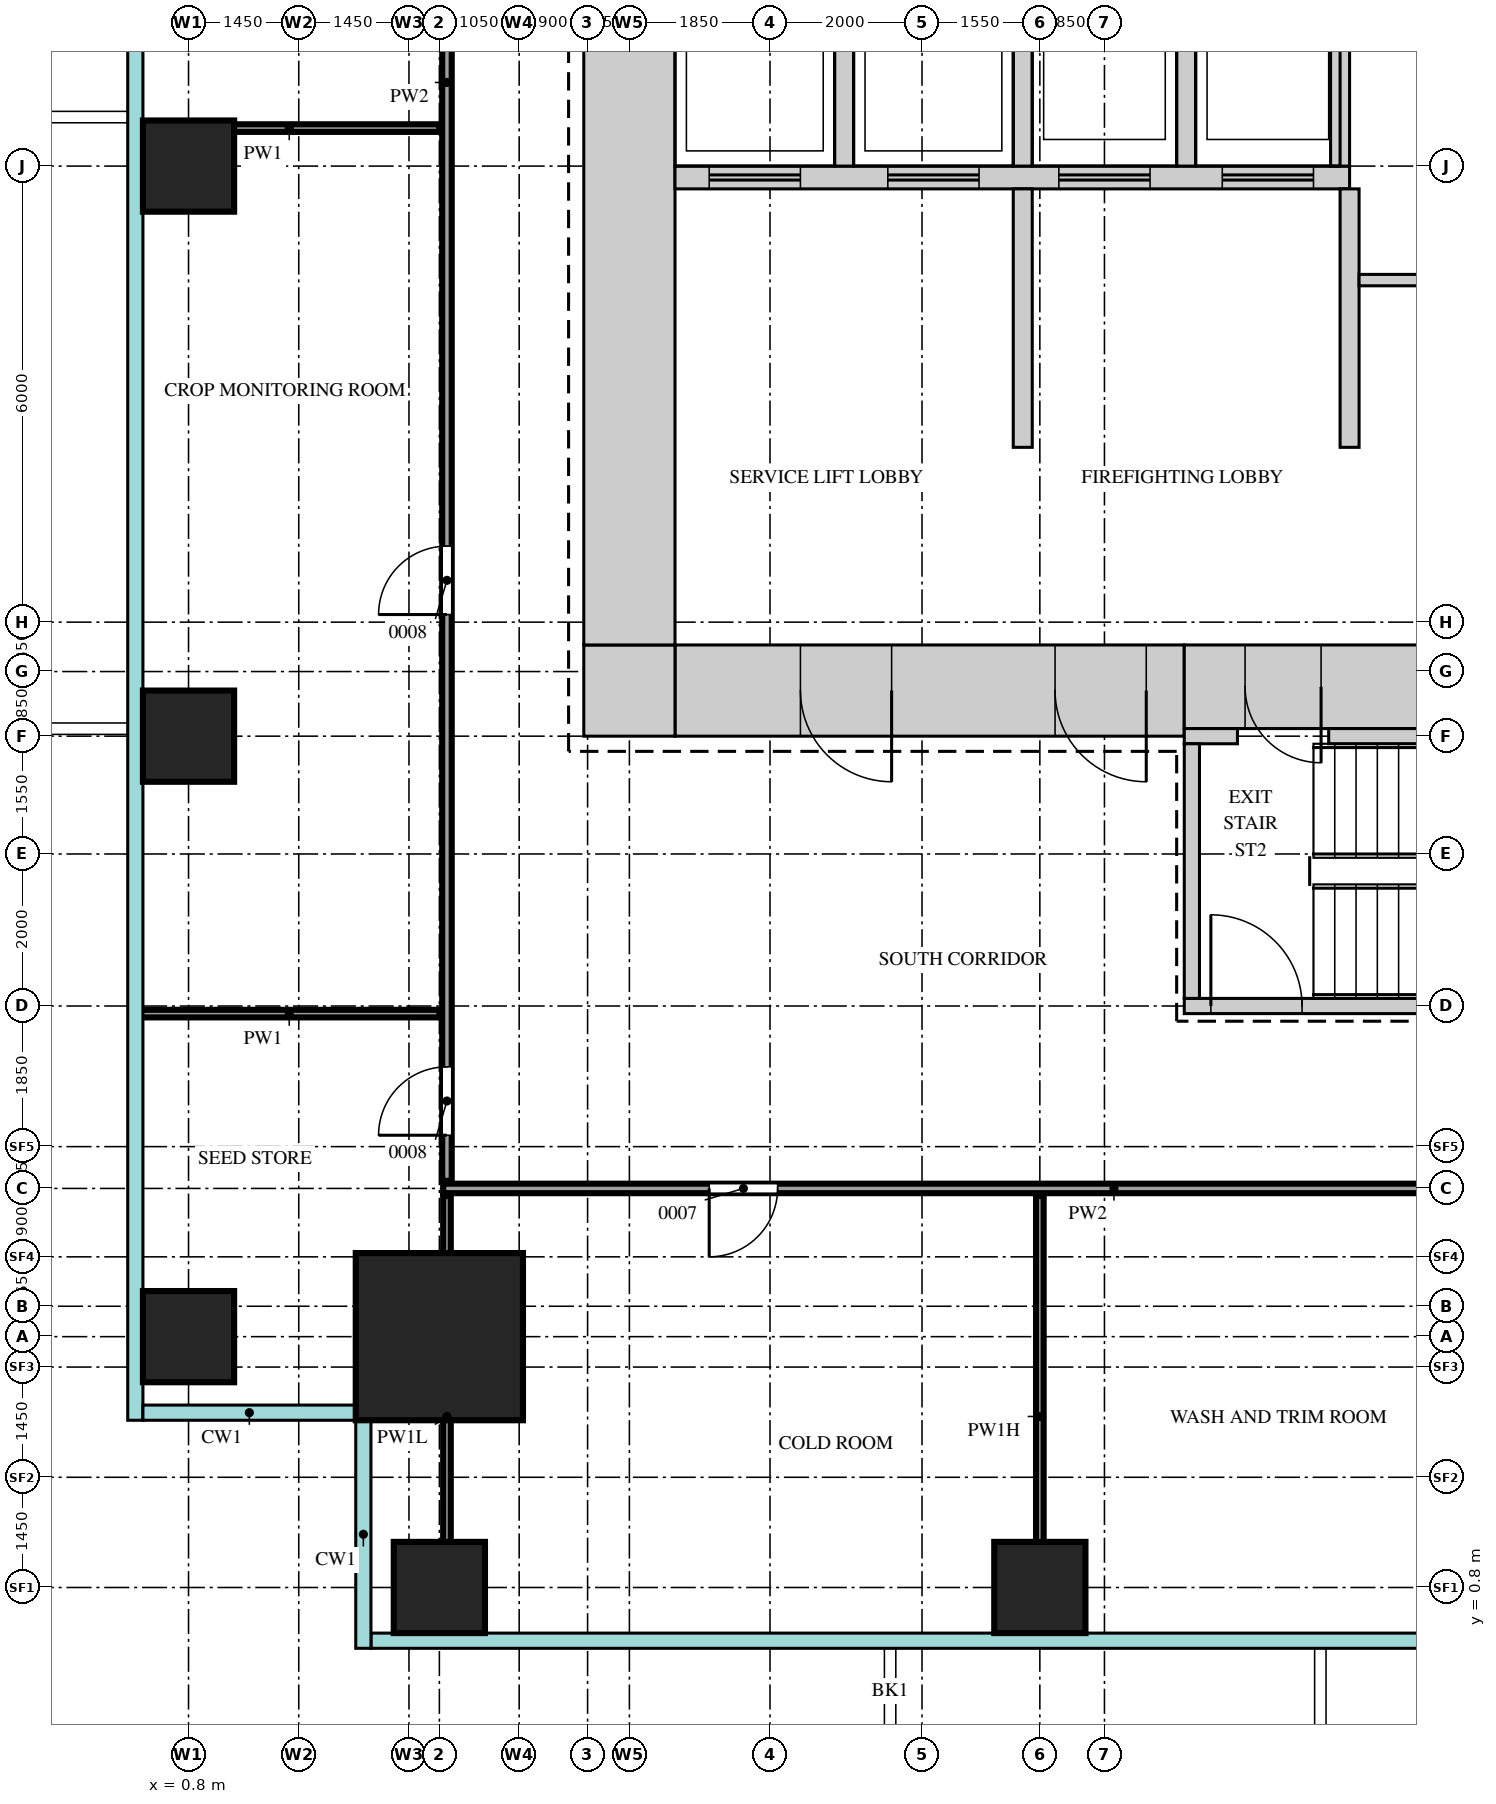
"""IFC4 building model, lengths in metres.
Left out: names, types, materials, properties, quantities, classifications, styles, units other than length and angle.
Written with IfcOpenShell. Run it as: python <this file> out.ifc"""

import sys

from ifc_helpers import new_model, si_unit, direction, frame, frame_2d, origin, origin_2d, place, context, subcontext, project, spatial, rectangle, extrude, source, transform, mapped, element, fill, save


model = new_model("IFC4")
c1 = context("Model", 3, precision=1e-05, world=origin(), true_north=direction((0.0, 1.0)))
c2 = subcontext(c1, "Body", "Model", "MODEL_VIEW")
j1 = project(units=[si_unit("LENGTHUNIT", "METRE"), si_unit("PLANEANGLEUNIT", "RADIAN")], contexts=[c1])
p1 = place(None, origin())
s1 = spatial("IfcSite", under=j1, at=p1, CompositionType="ELEMENT")
p2 = place(p1, origin())
s2 = spatial("IfcBuilding", under=s1, at=p2, CompositionType="ELEMENT")
p3 = place(p2, frame((0.0, 0.0, 37.5)))
s3 = spatial("IfcBuildingStorey", under=s2, at=p3, CompositionType="ELEMENT", Elevation=37.5)
m1 = source(origin(), c2, "Body", "SweptSolid", [
    extrude(rectangle(XDim=6.7, YDim=1.2, at=frame_2d((3.35, 0.0))), origin(), (0.0, 0.0, 1.0), 4.2),
])
p4 = place(p3, frame((7.2, 12.6, 0.0), z_axis=(0.0, 0.0, 1.0), x_axis=(1.0, 0.0, 0.0)))
e1 = element("IfcWall", 1, at=p4, inside=s3, PredefinedType="SHEAR", context=c2, shape_type="MappedRepresentation", body=[
    mapped(m1, transform((0.0, 0.0, 0.0))),
])
m2 = source(origin(), c2, "Body", "SweptSolid", [
    extrude(rectangle(XDim=1.2, YDim=2.1, at=frame_2d((0.6, 1.05))), frame((0.0, 0.61, 0.0), z_axis=(0.0, -1.0, 0.0), x_axis=(1.0, 0.0, 0.0)), (0.0, 0.0, 1.0), 1.22),
])
p5 = place(p4, frame((5.0, 0.0, 0.0)))
e2 = element("IfcOpeningElement", 2, at=p5, cuts=e1, PredefinedType="OPENING", context=c2, shape_type="MappedRepresentation", body=[
    mapped(m2, transform((0.0, 0.0, 0.0))),
])
p6 = place(p4, frame((1.65, 0.0, 0.0)))
e3 = element("IfcOpeningElement", 3, at=p6, cuts=e1, PredefinedType="OPENING", context=c2, shape_type="MappedRepresentation", body=[
    mapped(m2, transform((0.0, 0.0, 0.0))),
])
m3 = source(origin(), c2, "Body", "SweptSolid", [
    extrude(rectangle(XDim=7.2, YDim=1.1, at=frame_2d((3.6, 0.0))), origin(), (0.0, 0.0, 1.0), 4.2),
])
p7 = place(p3, frame((13.9, 12.65, 0.0), z_axis=(0.0, 0.0, 1.0), x_axis=(1.0, 0.0, 0.0)))
e4 = element("IfcWall", 4, at=p7, inside=s3, PredefinedType="SHEAR", context=c2, shape_type="MappedRepresentation", body=[
    mapped(m3, transform((0.0, 0.0, 0.0))),
])
m4 = source(origin(), c2, "Body", "SweptSolid", [
    extrude(rectangle(XDim=1.0, YDim=2.1, at=frame_2d((0.5, 1.05))), frame((0.0, 0.56, 0.0), z_axis=(0.0, -1.0, 0.0), x_axis=(1.0, 0.0, 0.0)), (0.0, 0.0, 1.0), 1.12),
])
p8 = place(p7, frame((0.8, 0.0, 0.0)))
e5 = element("IfcOpeningElement", 5, at=p8, cuts=e4, PredefinedType="OPENING", context=c2, shape_type="MappedRepresentation", body=[
    mapped(m4, transform((0.0, 0.0, 0.0))),
])
m5 = source(origin(), c2, "Body", "SweptSolid", [
    extrude(rectangle(XDim=1.2, YDim=1.2, at=frame_2d((0.6, 0.0))), origin(), (0.0, 0.0, 1.0), 4.2),
])
p9 = place(p3, frame((6.0, 12.6, 0.0), z_axis=(0.0, 0.0, 1.0), x_axis=(1.0, 0.0, 0.0)))
e6 = element("IfcWall", 6, at=p9, inside=s3, PredefinedType="SHEAR", context=c2, shape_type="MappedRepresentation", body=[
    mapped(m5, transform((0.0, 0.0, 0.0))),
])
m6 = source(origin(), c2, "Body", "SweptSolid", [
    extrude(rectangle(XDim=27.6, YDim=1.2, at=frame_2d((13.8, 0.0))), origin(), (0.0, 0.0, 1.0), 4.2),
])
p10 = place(p3, frame((6.6, 13.2, 0.0), z_axis=(0.0, 0.0, 1.0), x_axis=(0.0, 1.0, 0.0)))
e7 = element("IfcWall", 7, at=p10, inside=s3, PredefinedType="SHEAR", context=c2, shape_type="MappedRepresentation", body=[
    mapped(m6, transform((0.0, 0.0, 0.0))),
])
m7 = source(origin(), c2, "Body", "SweptSolid", [
    extrude(rectangle(XDim=0.7, YDim=0.2, at=frame_2d((0.35, 0.0))), origin(), (0.0, 0.0, 1.0), 4.2),
])
p11 = place(p3, frame((13.9, 12.0, 0.0), z_axis=(0.0, 0.0, 1.0), x_axis=(1.0, 0.0, 0.0)))
e8 = element("IfcWall", 8, at=p11, inside=s3, PredefinedType="SHEAR", context=c2, shape_type="MappedRepresentation", body=[
    mapped(m7, transform((0.0, 0.0, 0.0))),
])
m8 = source(origin(), c2, "Body", "SweptSolid", [
    extrude(rectangle(XDim=5.3, YDim=0.2, at=frame_2d((2.65, 0.0))), origin(), (0.0, 0.0, 1.0), 4.2),
])
p12 = place(p3, frame((15.8, 12.0, 0.0), z_axis=(0.0, 0.0, 1.0), x_axis=(1.0, 0.0, 0.0)))
e9 = element("IfcWall", 9, at=p12, inside=s3, PredefinedType="SHEAR", context=c2, shape_type="MappedRepresentation", body=[
    mapped(m8, transform((0.0, 0.0, 0.0))),
])
m9 = source(origin(), c2, "Body", "SweptSolid", [
    extrude(rectangle(XDim=7.2, YDim=0.2, at=frame_2d((3.6, 0.0))), origin(), (0.0, 0.0, 1.0), 4.2),
])
p13 = place(p3, frame((13.9, 8.45, 0.0), z_axis=(0.0, 0.0, 1.0), x_axis=(1.0, 0.0, 0.0)))
e10 = element("IfcWall", 10, at=p13, inside=s3, PredefinedType="SHEAR", context=c2, shape_type="MappedRepresentation", body=[
    mapped(m9, transform((0.0, 0.0, 0.0))),
])
m10 = source(origin(), c2, "Body", "SweptSolid", [
    extrude(rectangle(XDim=1.2, YDim=2.1, at=frame_2d((0.6, 1.05))), frame((0.0, 0.11, 0.0), z_axis=(0.0, -1.0, 0.0), x_axis=(1.0, 0.0, 0.0)), (0.0, 0.0, 1.0), 0.22),
])
p14 = place(p13, frame((0.35, 0.0, 0.0)))
e11 = element("IfcOpeningElement", 11, at=p14, cuts=e10, PredefinedType="OPENING", context=c2, shape_type="MappedRepresentation", body=[
    mapped(m10, transform((0.0, 0.0, 0.0))),
])
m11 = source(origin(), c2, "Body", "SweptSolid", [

### GOAL OF THE EXERCISE
Please transcribe, word for word, every line from the first line of the records above through the line containing "p2 = place(p1, origin())", and leave out any pictures.

### COMPLETED EXERCISE
"""IFC4 building model, lengths in metres.
Left out: names, types, materials, properties, quantities, classifications, styles, units other than length and angle.
Written with IfcOpenShell. Run it as: python <this file> out.ifc"""

import sys

from ifc_helpers import new_model, si_unit, direction, frame, frame_2d, origin, origin_2d, place, context, subcontext, project, spatial, rectangle, extrude, source, transform, mapped, element, fill, save


model = new_model("IFC4")
c1 = context("Model", 3, precision=1e-05, world=origin(), true_north=direction((0.0, 1.0)))
c2 = subcontext(c1, "Body", "Model", "MODEL_VIEW")
j1 = project(units=[si_unit("LENGTHUNIT", "METRE"), si_unit("PLANEANGLEUNIT", "RADIAN")], contexts=[c1])
p1 = place(None, origin())
s1 = spatial("IfcSite", under=j1, at=p1, CompositionType="ELEMENT")
p2 = place(p1, origin())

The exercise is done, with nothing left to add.